____ Records for this task

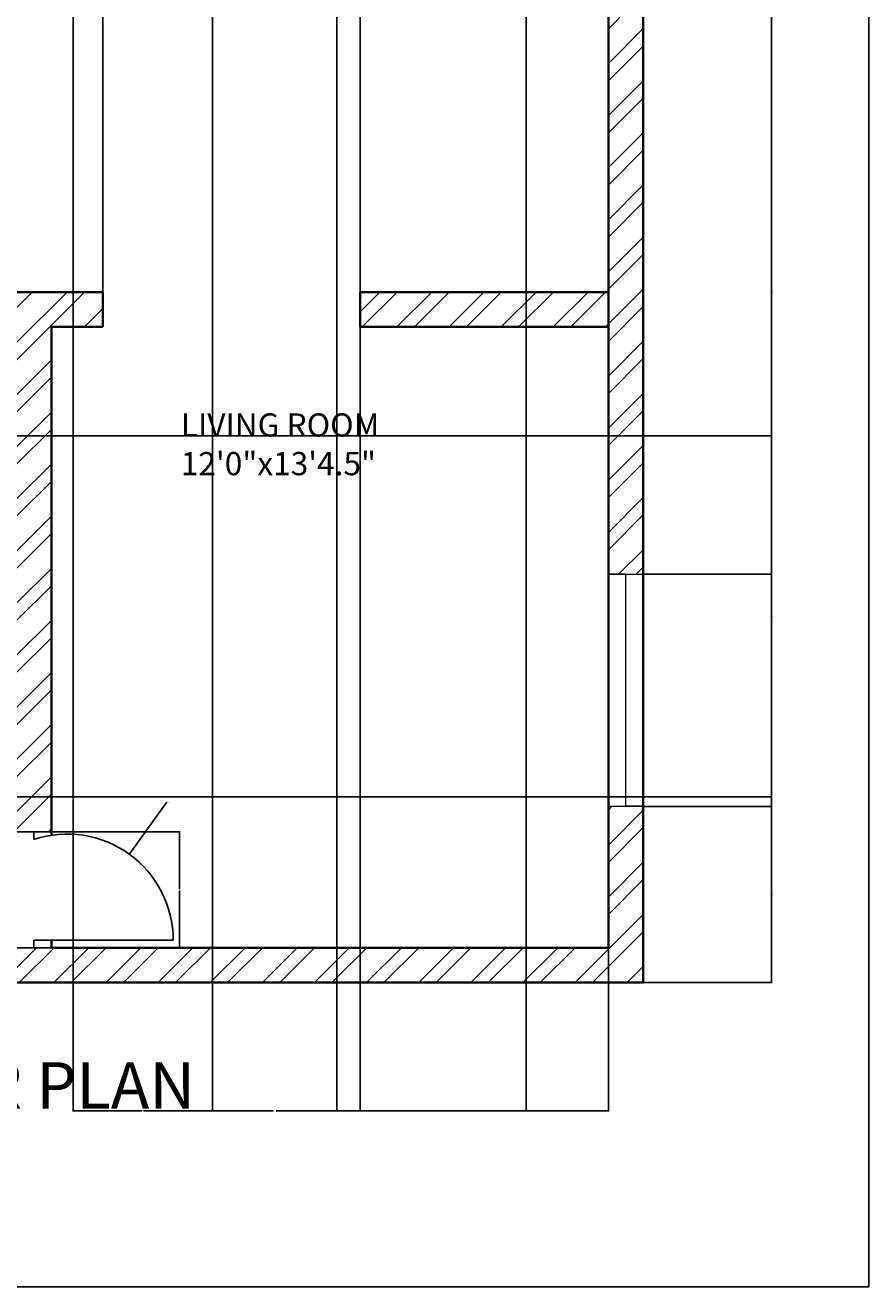
# Model space of a CAD drawing. Units: inches. Extents: x 1595 to 2135, y 460 to 2061.
# Tile 3 of 5: x 1917 to 2135, y 1320 to 1646. Entities that reach past the tile are written whole.
import ezdxf

# ---------------------------------------------------------------- set-up
doc = ezdxf.new("R2010")
doc.units = ezdxf.units.IN
for name, color, linetype, lineweight in [('A-ANNO-DIMS', 2, 'Continuous', 18), ('A-ANNO-TTLB', 7, 'Continuous', 25), ('A-AREA-IDEN', 7, 'Continuous', 18), ('A-DOOR', 3, 'Continuous', 25), ('A-GLAZ', 4, 'Continuous', 18), ('A-WALL', 7, 'Continuous', 35)]:
    doc.layers.add(name, color=color, linetype=linetype, lineweight=lineweight)
doc.layers.add('A-WALL-PATT', color=143, linetype='Continuous', lineweight=13, true_color=0x7aafdf)
doc.styles.get("Standard").update_dxf_attribs({"font": 'arial.ttf'})
doc.dimstyles.get("Standard").update_dxf_attribs({"dimtxt": 0.18, "dimasz": 0.18, "dimexe": 0.18, "dimexo": 0.0625, "dimgap": 0.09, "dimtad": 0, "dimtih": 1, "dimtoh": 1, "dimdec": 4, "dimzin": 0, "dimdsep": 46, "dimtxsty": 'Standard', "dimcen": 0.09, "dimadec": 0, "dimazin": 0, "dimtfac": 1, "dimtdec": 4, "dimtofl": 0, "dimtmove": 0, "dimatfit": 3, "dimfxl": 1, "dimtolj": 1, "dimtzin": 0, "dimarcsym": 0})

# ---------------------------------------------------------------- blocks, each defined once
blk = doc.blocks.new('WIN-60IN')
for p, q in [((4.5, 60), (0, 60)), ((0, 60), (9, 60)), ((4.5, 0), (4.5, 60)), ((0, 0), (9, 0)), ((9, 0), (4.5, 0))]:
    blk.add_line(p, q)
blk = doc.blocks.new('*D14')
at = {"layer": 'A-ANNO-DIMS', "color": 0, "lineweight": -2, "transparency": 16777216}
for p, q in [((2076.38, 1444.2), (2109.64, 1444.2)), ((2109.46, 1444.02), (2109.46, 1421.6)), ((2109.46, 1398.82), (2109.46, 1421.24)), ((2076.38, 1398.64), (2109.64, 1398.64))]:
    blk.add_line(p, q, dxfattribs=at)
at = {"layer": 'A-ANNO-DIMS', "color": 0, "transparency": 16777216}
for points in [[(2109.43, 1444.02), (2109.49, 1444.02), (2109.46, 1444.2)], [(2109.43, 1398.82), (2109.49, 1398.82), (2109.46, 1398.64)]]:
    blk.add_solid(points, dxfattribs=at)
at = {"layer": 'Defpoints', "color": 0, "transparency": 16777216}
for p in [(2076.31, 1444.2), (2109.46, 1444.2), (2076.31, 1398.64)]:
    blk.add_point(p, dxfattribs=at)
at = {"layer": 'A-ANNO-DIMS', "color": 0, "transparency": 16777216, "insert": (2109.46, 1421.42), "char_height": 0.18, "attachment_point": 5}
blk.add_mtext('\\A1;45.56', dxfattribs=at)
blk = doc.blocks.new('*D15')
at = {"layer": 'A-ANNO-DIMS', "color": 0, "lineweight": -2, "transparency": 16777216}
for p, q in [((2076.38, 1650.64), (2109.64, 1650.64)), ((2109.46, 1650.46), (2109.46, 1577.6)), ((2109.46, 1504.38), (2109.46, 1577.24)), ((2076.38, 1504.2), (2109.64, 1504.2))]:
    blk.add_line(p, q, dxfattribs=at)
at = {"layer": 'A-ANNO-DIMS', "color": 0, "transparency": 16777216}
for points in [[(2109.43, 1650.46), (2109.49, 1650.46), (2109.46, 1650.64)], [(2109.43, 1504.38), (2109.49, 1504.38), (2109.46, 1504.2)]]:
    blk.add_solid(points, dxfattribs=at)
at = {"layer": 'Defpoints', "color": 0, "transparency": 16777216}
for p in [(2076.31, 1650.64), (2109.46, 1650.64), (2076.31, 1504.2)]:
    blk.add_point(p, dxfattribs=at)
at = {"layer": 'A-ANNO-DIMS', "color": 0, "transparency": 16777216, "insert": (2109.46, 1577.42), "char_height": 0.18, "attachment_point": 5}
blk.add_mtext('\\A1;146.44', dxfattribs=at)
blk = doc.blocks.new('*D20')
at = {"layer": 'A-ANNO-DIMS', "color": 0, "lineweight": -2, "transparency": 16777216}
for p, q in [((1923.38, 1437.64), (1956.64, 1437.64)), ((1956.46, 1437.46), (1956.46, 1422.82)), ((1956.46, 1407.82), (1956.46, 1422.46)), ((1923.38, 1407.64), (1956.64, 1407.64))]:
    blk.add_line(p, q, dxfattribs=at)
at = {"layer": 'A-ANNO-DIMS', "color": 0, "transparency": 16777216}
for points in [[(1956.43, 1437.46), (1956.49, 1437.46), (1956.46, 1437.64)], [(1956.43, 1407.82), (1956.49, 1407.82), (1956.46, 1407.64)]]:
    blk.add_solid(points, dxfattribs=at)
at = {"layer": 'Defpoints', "color": 0, "transparency": 16777216}
for p in [(1923.31, 1437.64), (1923.31, 1407.64), (1956.46, 1407.64)]:
    blk.add_point(p, dxfattribs=at)
at = {"layer": 'A-ANNO-DIMS', "color": 0, "transparency": 16777216, "insert": (1956.46, 1422.64), "char_height": 0.18, "attachment_point": 5}
blk.add_mtext('\\A1;30', dxfattribs=at)
blk = doc.blocks.new('*D21')
at = {"layer": 'A-ANNO-DIMS', "color": 0, "lineweight": -2, "transparency": 16777216}
for p, q in [((1936.61, 1577.2), (1936.61, 2049.97)), ((1936.79, 2049.79), (1969.47, 2049.79)), ((2002.95, 2049.79), (1970.26, 2049.79)), ((2003.13, 1577.2), (2003.13, 2049.97))]:
    blk.add_line(p, q, dxfattribs=at)
at = {"layer": 'A-ANNO-DIMS', "color": 0, "transparency": 16777216}
for points in [[(1936.79, 2049.82), (1936.79, 2049.76), (1936.61, 2049.79)], [(2002.95, 2049.82), (2002.95, 2049.76), (2003.13, 2049.79)]]:
    blk.add_solid(points, dxfattribs=at)
at = {"layer": 'Defpoints', "color": 0, "transparency": 16777216}
for p in [(2003.13, 2049.79), (1936.61, 1577.14), (2003.13, 1577.14)]:
    blk.add_point(p, dxfattribs=at)
at = {"layer": 'A-ANNO-DIMS', "color": 0, "transparency": 16777216, "insert": (1969.87, 2049.79), "char_height": 0.18, "attachment_point": 5}
blk.add_mtext('\\A1;66.52', dxfattribs=at)
blk = doc.blocks.new('*D22')
at = {"layer": 'A-ANNO-DIMS', "color": 0, "lineweight": -2, "transparency": 16777216}
for p, q in [((2003.13, 1568.08), (2003.13, 1365.31)), ((2067.31, 1568.08), (2067.31, 1365.31)), ((2003.31, 1365.49), (2034.83, 1365.49)), ((2067.13, 1365.49), (2035.62, 1365.49))]:
    blk.add_line(p, q, dxfattribs=at)
at = {"layer": 'A-ANNO-DIMS', "color": 0, "transparency": 16777216}
for points in [[(2003.31, 1365.52), (2003.31, 1365.46), (2003.13, 1365.49)], [(2067.13, 1365.52), (2067.13, 1365.46), (2067.31, 1365.49)]]:
    blk.add_solid(points, dxfattribs=at)
at = {"layer": 'Defpoints', "color": 0, "transparency": 16777216}
for p in [(2003.13, 1568.14), (2067.31, 1568.14), (2067.31, 1365.49)]:
    blk.add_point(p, dxfattribs=at)
at = {"layer": 'A-ANNO-DIMS', "color": 0, "transparency": 16777216, "insert": (2035.22, 1365.49), "char_height": 0.18, "attachment_point": 5}
blk.add_mtext('\\A1;64.18', dxfattribs=at)
blk = doc.blocks.new('*D27')
at = {"layer": 'A-ANNO-DIMS', "color": 0, "lineweight": -2, "transparency": 16777216}
for p, q in [((1997.11, 1938.58), (1997.11, 1365.31)), ((2046.03, 1938.58), (2046.03, 1365.31)), ((1997.29, 1365.49), (2021.18, 1365.49)), ((2045.85, 1365.49), (2021.97, 1365.49))]:
    blk.add_line(p, q, dxfattribs=at)
at = {"layer": 'A-ANNO-DIMS', "color": 0, "transparency": 16777216}
for points in [[(1997.29, 1365.52), (1997.29, 1365.46), (1997.11, 1365.49)], [(2045.85, 1365.52), (2045.85, 1365.46), (2046.03, 1365.49)]]:
    blk.add_solid(points, dxfattribs=at)
at = {"layer": 'Defpoints', "color": 0, "transparency": 16777216}
for p in [(1997.11, 1938.64), (2046.03, 1938.64), (2046.03, 1365.49)]:
    blk.add_point(p, dxfattribs=at)
at = {"layer": 'A-ANNO-DIMS', "color": 0, "transparency": 16777216, "insert": (2021.57, 1365.49), "char_height": 0.18, "attachment_point": 5}
blk.add_mtext('\\A1;48.92', dxfattribs=at)
blk = doc.blocks.new('*D28')
at = {"layer": 'A-ANNO-DIMS', "color": 0, "lineweight": -2, "transparency": 16777216}
for p, q in [((1928.93, 1938.58), (1928.93, 1365.31)), ((1964.93, 1938.58), (1964.93, 1365.31)), ((1929.11, 1365.49), (1946.71, 1365.49)), ((1964.75, 1365.49), (1947.15, 1365.49))]:
    blk.add_line(p, q, dxfattribs=at)
at = {"layer": 'A-ANNO-DIMS', "color": 0, "transparency": 16777216}
for points in [[(1929.11, 1365.52), (1929.11, 1365.46), (1928.93, 1365.49)], [(1964.75, 1365.52), (1964.75, 1365.46), (1964.93, 1365.49)]]:
    blk.add_solid(points, dxfattribs=at)
at = {"layer": 'Defpoints', "color": 0, "transparency": 16777216}
for p in [(1928.93, 1938.64), (1964.93, 1938.64), (1964.93, 1365.49)]:
    blk.add_point(p, dxfattribs=at)
at = {"layer": 'A-ANNO-DIMS', "color": 0, "transparency": 16777216, "insert": (1946.93, 1365.49), "char_height": 0.18, "attachment_point": 5}
blk.add_mtext('\\A1;36', dxfattribs=at)
blk = doc.blocks.new('*D29')
at = {"layer": 'A-ANNO-DIMS', "color": 0, "lineweight": -2, "transparency": 16777216}
for p, q in [((1964.93, 1938.58), (1964.93, 1365.31)), ((1997.11, 1938.58), (1997.11, 1365.31)), ((1965.11, 1365.49), (1980.63, 1365.49)), ((1996.93, 1365.49), (1981.42, 1365.49))]:
    blk.add_line(p, q, dxfattribs=at)
at = {"layer": 'A-ANNO-DIMS', "color": 0, "transparency": 16777216}
for points in [[(1965.11, 1365.52), (1965.11, 1365.46), (1964.93, 1365.49)], [(1996.93, 1365.52), (1996.93, 1365.46), (1997.11, 1365.49)]]:
    blk.add_solid(points, dxfattribs=at)
at = {"layer": 'Defpoints', "color": 0, "transparency": 16777216}
for p in [(1964.93, 1938.64), (1997.11, 1938.64), (1997.11, 1365.49)]:
    blk.add_point(p, dxfattribs=at)
at = {"layer": 'A-ANNO-DIMS', "color": 0, "transparency": 16777216, "insert": (1981.02, 1365.49), "char_height": 0.18, "attachment_point": 5}
blk.add_mtext('\\A1;32.18', dxfattribs=at)
blk = doc.blocks.new('*D34')
at = {"layer": 'A-ANNO-DIMS', "color": 0, "lineweight": -2, "transparency": 16777216}
for p, q in [((1914.38, 1539.98), (2109.64, 1539.98)), ((2109.46, 1539.8), (2109.46, 1493.49)), ((2109.46, 1446.82), (2109.46, 1493.13)), ((1914.38, 1446.64), (2109.64, 1446.64))]:
    blk.add_line(p, q, dxfattribs=at)
at = {"layer": 'A-ANNO-DIMS', "color": 0, "transparency": 16777216}
for points in [[(2109.43, 1539.8), (2109.49, 1539.8), (2109.46, 1539.98)], [(2109.43, 1446.82), (2109.49, 1446.82), (2109.46, 1446.64)]]:
    blk.add_solid(points, dxfattribs=at)
at = {"layer": 'Defpoints', "color": 0, "transparency": 16777216}
for p in [(1914.31, 1539.98), (2109.46, 1539.98), (1914.31, 1446.64)]:
    blk.add_point(p, dxfattribs=at)
at = {"layer": 'A-ANNO-DIMS', "color": 0, "transparency": 16777216, "insert": (2109.46, 1493.31), "char_height": 0.18, "attachment_point": 5}
blk.add_mtext('\\A1;93.33', dxfattribs=at)
blk = doc.blocks.new('*D46')
at = {"layer": 'A-ANNO-DIMS', "color": 0, "lineweight": -2, "transparency": 16777216}
for p, q in [((2076.38, 2016.64), (2109.64, 2016.64)), ((2109.46, 2016.46), (2109.46, 1707.82)), ((2109.46, 1398.82), (2109.46, 1707.46)), ((2076.38, 1398.64), (2109.64, 1398.64))]:
    blk.add_line(p, q, dxfattribs=at)
at = {"layer": 'A-ANNO-DIMS', "color": 0, "transparency": 16777216}
for points in [[(2109.43, 2016.46), (2109.49, 2016.46), (2109.46, 2016.64)], [(2109.43, 1398.82), (2109.49, 1398.82), (2109.46, 1398.64)]]:
    blk.add_solid(points, dxfattribs=at)
at = {"layer": 'Defpoints', "color": 0, "transparency": 16777216}
for p in [(2076.31, 2016.64), (2109.46, 2016.64), (2076.31, 1398.64)]:
    blk.add_point(p, dxfattribs=at)
at = {"layer": 'A-ANNO-DIMS', "color": 0, "transparency": 16777216, "insert": (2109.46, 1707.64), "char_height": 0.18, "attachment_point": 5}
blk.add_mtext('\\A1;618', dxfattribs=at)
blk = doc.blocks.new('*D59')
at = {"layer": 'A-ANNO-DIMS', "color": 0, "lineweight": -2, "transparency": 16777216}
for p, q in [((1953.08, 1445.17), (1943.57, 1431.99)), ((1953.26, 1445.17), (1953.08, 1445.17)), ((1927.33, 1409.64), (1927.51, 1409.64)), ((1927.42, 1409.55), (1927.42, 1409.73))]:
    blk.add_line(p, q, dxfattribs=at)
at = {"layer": 'A-ANNO-DIMS', "color": 0, "transparency": 16777216}
blk.add_solid([(1943.54, 1432.01), (1943.59, 1431.97), (1943.46, 1431.85)], dxfattribs=at)
at = {"layer": 'Defpoints', "color": 0, "transparency": 16777216}
for p in [(1943.46, 1431.85), (1927.42, 1409.64)]:
    blk.add_point(p, dxfattribs=at)
at = {"layer": 'A-ANNO-DIMS', "color": 0, "transparency": 16777216, "insert": (1953.74, 1445.17), "char_height": 0.18, "attachment_point": 5}
blk.add_mtext('\\A1;R27.39', dxfattribs=at)

msp = doc.modelspace()

# ---------------------------------------------------------------- hatches: boundary and pattern name
at = {"layer": 'A-WALL-PATT'}
h = msp.add_hatch(dxfattribs=at)
h.set_pattern_fill('ANSI32', color=256)
h.paths.add_polyline_path([(2076.313, 2016.6421), (1674.313, 2016.6421), (1674.313, 1905.0731), (1683.313, 1905.0731), (1683.313, 1938.6421), (1705.9756, 1938.6421), (1705.9756, 1947.6421), (1683.313, 1947.6421), (1683.313, 2007.6421), (2067.313, 2007.6421), (2067.313, 1947.6421), (2046.0304, 1947.6421), (2046.0304, 1938.6421), (2067.313, 1938.6421), (2067.313, 1906.0373), (2076.313, 1906.0373), (2076.313, 1947.6421)])
h.paths.add_polyline_path([(1786.653, 1947.6421), (1748.8699, 1947.6421), (1748.8699, 1938.6421), (1786.653, 1938.6421), (1786.653, 1943.1421)], flags=17)
h.paths.add_polyline_path([(1843.367, 1943.1421), (1843.367, 1947.6421), (1822.653, 1947.6421), (1822.653, 1938.6421), (1827.313, 1938.6421), (1827.313, 1821.1082), (1836.313, 1821.1082), (1836.313, 1938.6421), (1843.367, 1938.6421)])
h.paths.add_polyline_path([(1928.933, 1943.1421), (1928.933, 1947.6421), (1875.313, 1947.6421), (1875.313, 1938.6421), (1914.313, 1938.6421), (1914.313, 1820.8892), (1923.313, 1820.8892), (1923.313, 1938.6421), (1928.933, 1938.6421)])
h.paths.add_polyline_path([(1997.1133, 1947.6421), (1964.933, 1947.6421), (1964.933, 1938.6421), (1997.1133, 1938.6421)], flags=17)
h.paths.add_polyline_path([(1974.313, 2007.6421), (1969.813, 2007.6421), (1969.813, 1947.6421), (1974.313, 1947.6421)], flags=17)
h.paths.add_polyline_path([(1780.813, 2007.6421), (1776.313, 2007.6421), (1776.313, 1947.6421), (1780.813, 1947.6421)], flags=17)
h.paths.add_polyline_path([(1683.313, 1845.0731), (1674.313, 1845.0731), (1674.313, 1734.209), (1683.313, 1734.209), (1683.313, 1773.6421), (1795.813, 1773.6421), (1836.313, 1773.6421), (1836.313, 1788.3627), (1831.813, 1788.3627), (1827.313, 1788.3627), (1827.313, 1782.6421), (1683.313, 1782.6421)])
h.paths.add_polyline_path([(2076.313, 1846.0373), (2067.313, 1846.0373), (2067.313, 1782.6421), (1923.313, 1782.6421), (1923.313, 1788.8802), (1918.813, 1788.8802), (1914.313, 1788.8802), (1914.313, 1773.6421), (2067.313, 1773.6421), (2067.313, 1710.6421), (2076.313, 1710.6421)])
h.paths.add_polyline_path([(1844.0531, 1859.9747), (1909.4596, 1859.9747), (1909.4596, 1882.3635), (1844.0531, 1882.3635)], flags=9)
h.paths.add_polyline_path([(1721.6058, 1827.3507), (1768.2143, 1827.3507), (1768.2143, 1849.7395), (1721.6058, 1849.7395)], flags=9)
h.paths.add_polyline_path([(1786.8661, 1359.2872), (1978.2276, 1359.2872), (1978.2276, 1384.0157), (1786.8661, 1384.0157)], flags=9)
h.paths.add_polyline_path([(1795.7228, 1412.0413), (1871.5904, 1412.0413), (1871.5904, 1424.4055), (1795.7228, 1424.4055)], flags=9)
h.paths.add_polyline_path([(1954.3634, 1526.3976), (2013.549, 1526.3976), (2013.549, 1548.7864), (1954.3634, 1548.7864)], flags=9)
h.paths.add_polyline_path([(1871.0596, 1490.4707), (1913.1292, 1490.4707), (1913.1292, 1512.8595), (1871.0596, 1512.8595)], flags=9)
h.paths.add_polyline_path([(1810.9452, 1510.8402), (1845.9343, 1510.8402), (1845.9343, 1533.229), (1810.9452, 1533.229)], flags=9)
h.paths.add_polyline_path([(1720.9117, 1692.9695), (1767.819, 1692.9695), (1767.819, 1715.3583), (1720.9117, 1715.3583)], flags=9)
h.paths.add_polyline_path([(1853.0254, 1698.4614), (1904.6966, 1698.4614), (1904.6966, 1720.8503), (1853.0254, 1720.8503)], flags=9)
h.paths.add_polyline_path([(1970.399, 1827.3507), (2017.0075, 1827.3507), (2017.0075, 1849.7395), (1970.399, 1849.7395)], flags=9)
h.paths.add_polyline_path([(1994.3418, 1955.5613), (2029.5928, 1955.5613), (2029.5928, 1977.9501), (1994.3418, 1977.9501)], flags=25)
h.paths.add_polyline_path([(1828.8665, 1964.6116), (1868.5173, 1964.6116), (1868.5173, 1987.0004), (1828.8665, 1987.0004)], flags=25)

________

Copy exactly the line that contains "(1994.3418, 1977.9501)], flags=25)" and every line after it through the end of the entries, with nothing added.

**Response to this task**.
h.paths.add_polyline_path([(1994.3418, 1955.5613), (2029.5928, 1955.5613), (2029.5928, 1977.9501), (1994.3418, 1977.9501)], flags=25)
h.paths.add_polyline_path([(1828.8665, 1964.6116), (1868.5173, 1964.6116), (1868.5173, 1987.0004), (1828.8665, 1987.0004)], flags=25)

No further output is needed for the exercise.